### TASK DETAILS
In the data below, locate the line containing "5. 2D High Speed (2D Area Mill) | 8 - 8 平铣刀" and the line containing "14. Contour (Ramp) | 10 - 10 平铣刀", then retype both and everything between them exactly. Pictures are not part of the copy.

### PROVIDED RECORDS
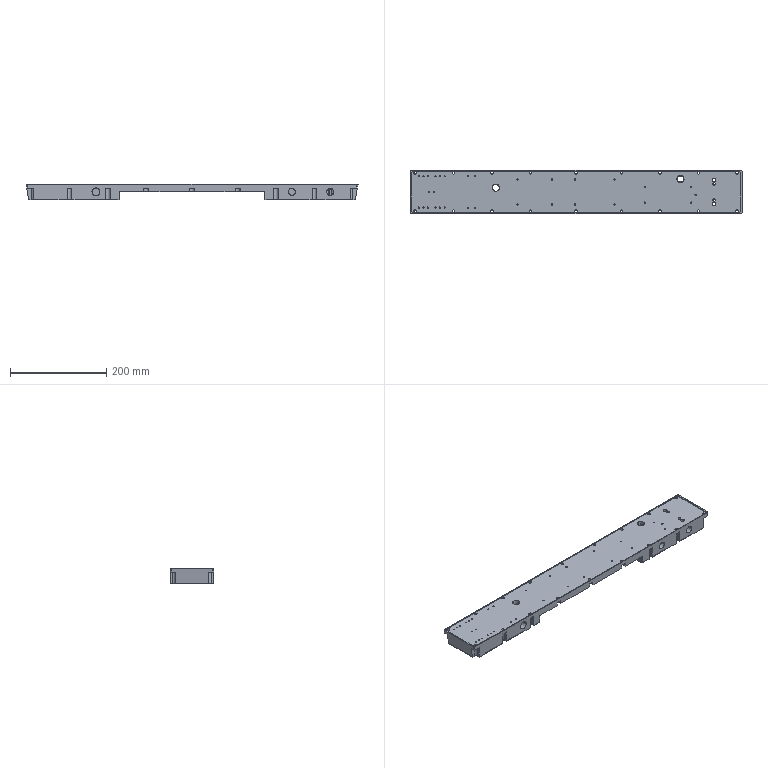CAM job | Mastercam | mm | 18 operations | part box 691.4 x 90 x 32.6
1. Facing | 24 - 100 平铣刀
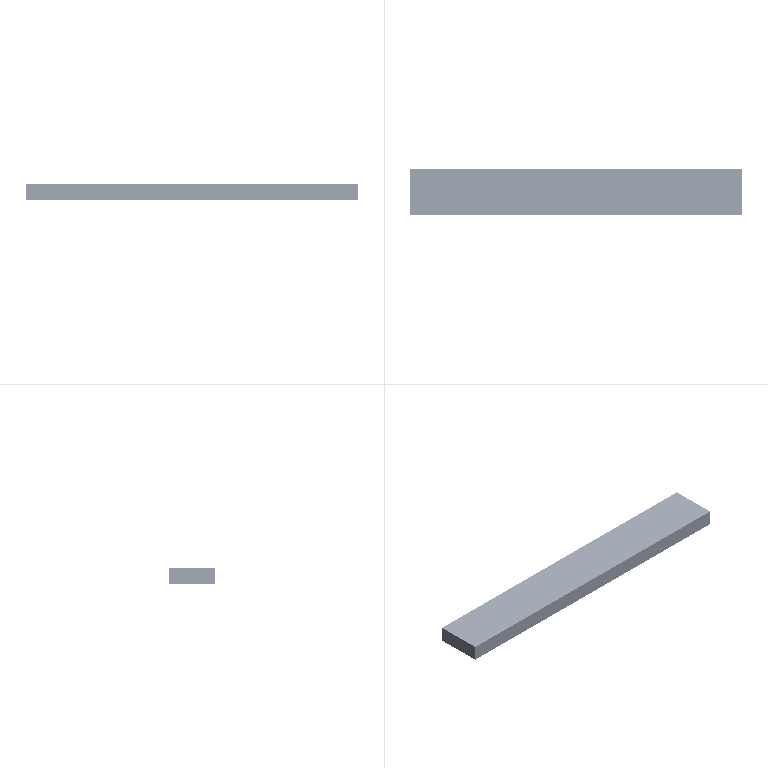2. 2D High Speed (2D Dynamic Mill) | 13 - 16 平铣刀
3. 2D High Speed (2D Area Mill) | 13 - 16 平铣刀
4. Contour (Remachining) | 8 - 8 平铣刀
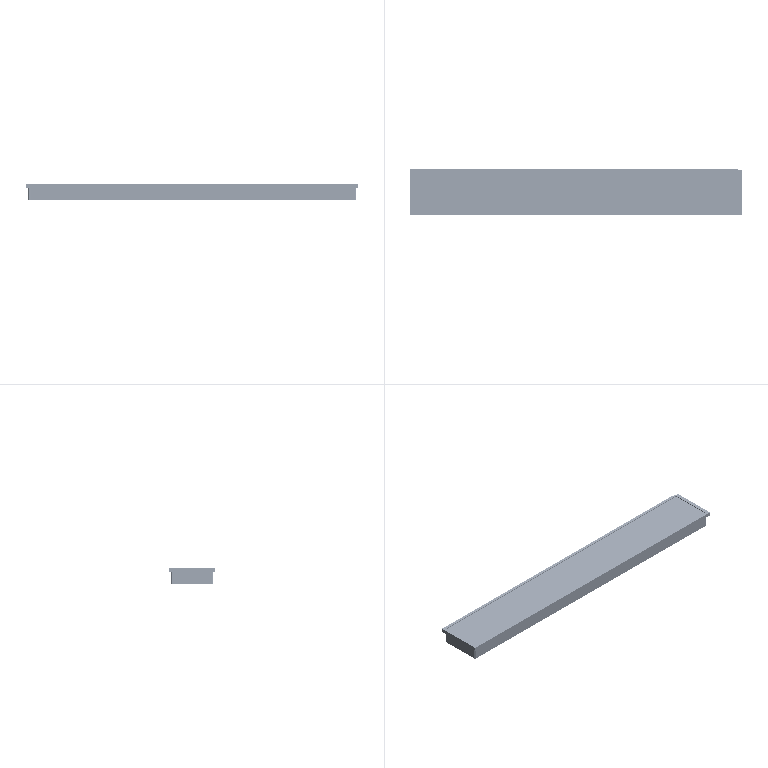5. 2D High Speed (2D Area Mill) | 8 - 8 平铣刀
6. Contour (2D) | 8 - 8 平铣刀
7. Contour (2D) | 16 - 16 平铣刀
8. Drill/Counterbore | 5 - 4 倒角刀
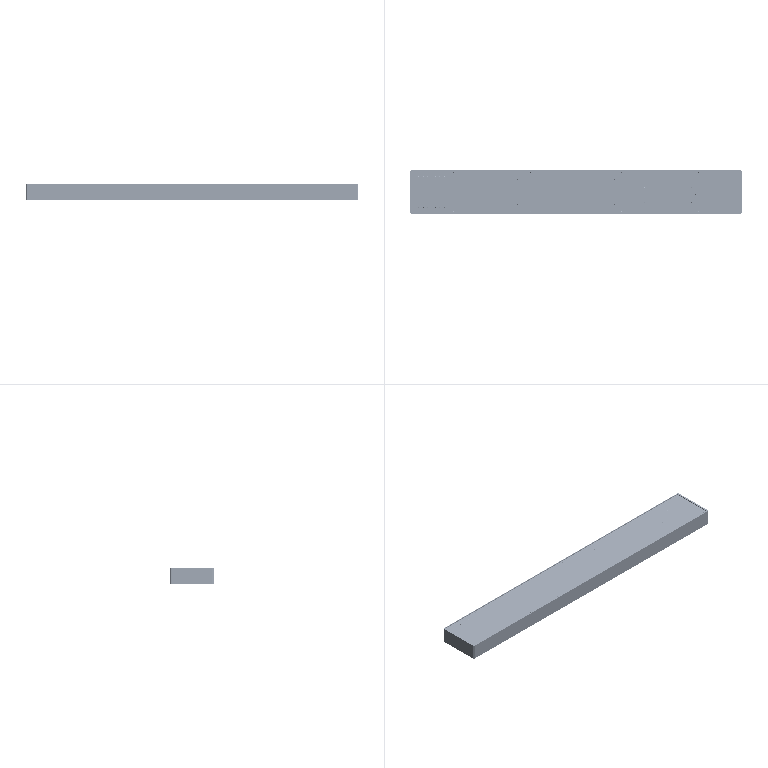9. Peck Drill | 1 - 8 钻头
10. Contour (2D chamfer) | 5 - 4 倒角刀
11. Facing | 24 - 100 平铣刀
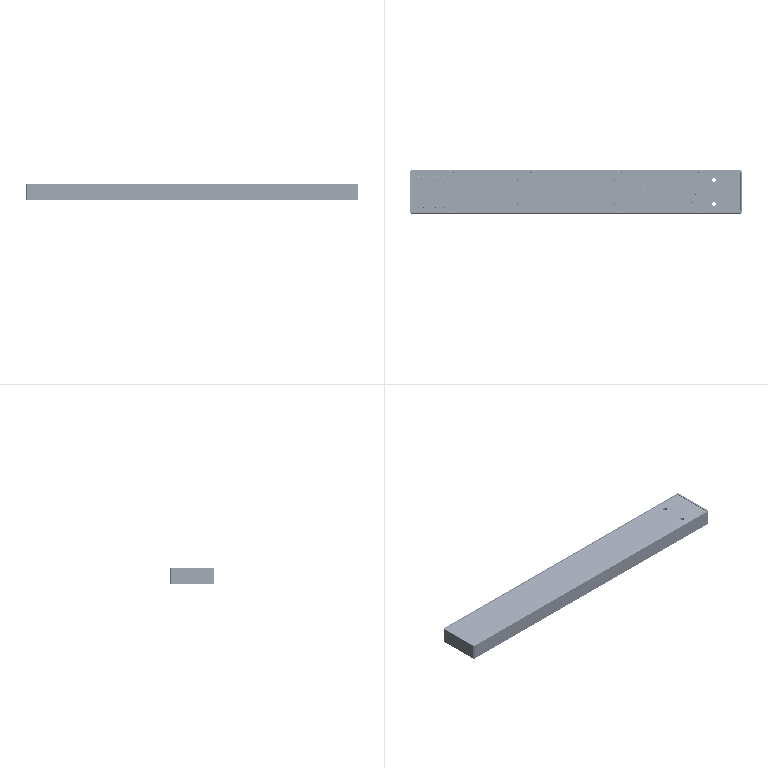12. 2D High Speed (2D Area Mill) | 13 - 16 平铣刀
13. Contour (Ramp) | 9 - 10 平铣刀
14. Contour (Ramp) | 10 - 10 平铣刀
15. Contour (Ramp) | 8 - 8 平铣刀
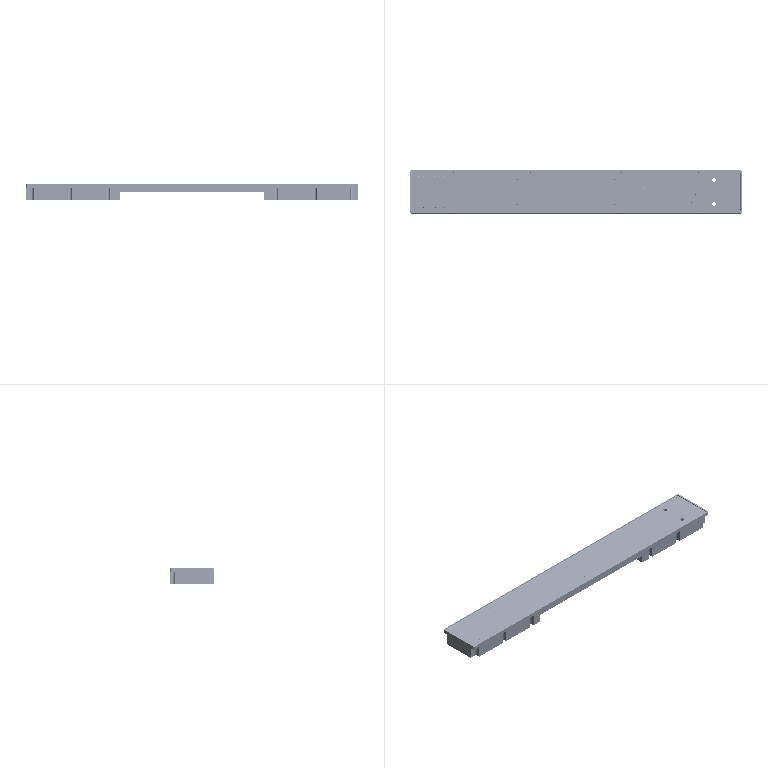16. Contour (2D) | 8 - 8 平铣刀
17. Contour (Ramp) | 8 - 8 平铣刀
18. Contour (2D) | 8 - 8 平铣刀

### ANSWER SPACE
5. 2D High Speed (2D Area Mill) | 8 - 8 平铣刀
6. Contour (2D) | 8 - 8 平铣刀
7. Contour (2D) | 16 - 16 平铣刀
8. Drill/Counterbore | 5 - 4 倒角刀
9. Peck Drill | 1 - 8 钻头
10. Contour (2D chamfer) | 5 - 4 倒角刀
11. Facing | 24 - 100 平铣刀
12. 2D High Speed (2D Area Mill) | 13 - 16 平铣刀
13. Contour (Ramp) | 9 - 10 平铣刀
14. Contour (Ramp) | 10 - 10 平铣刀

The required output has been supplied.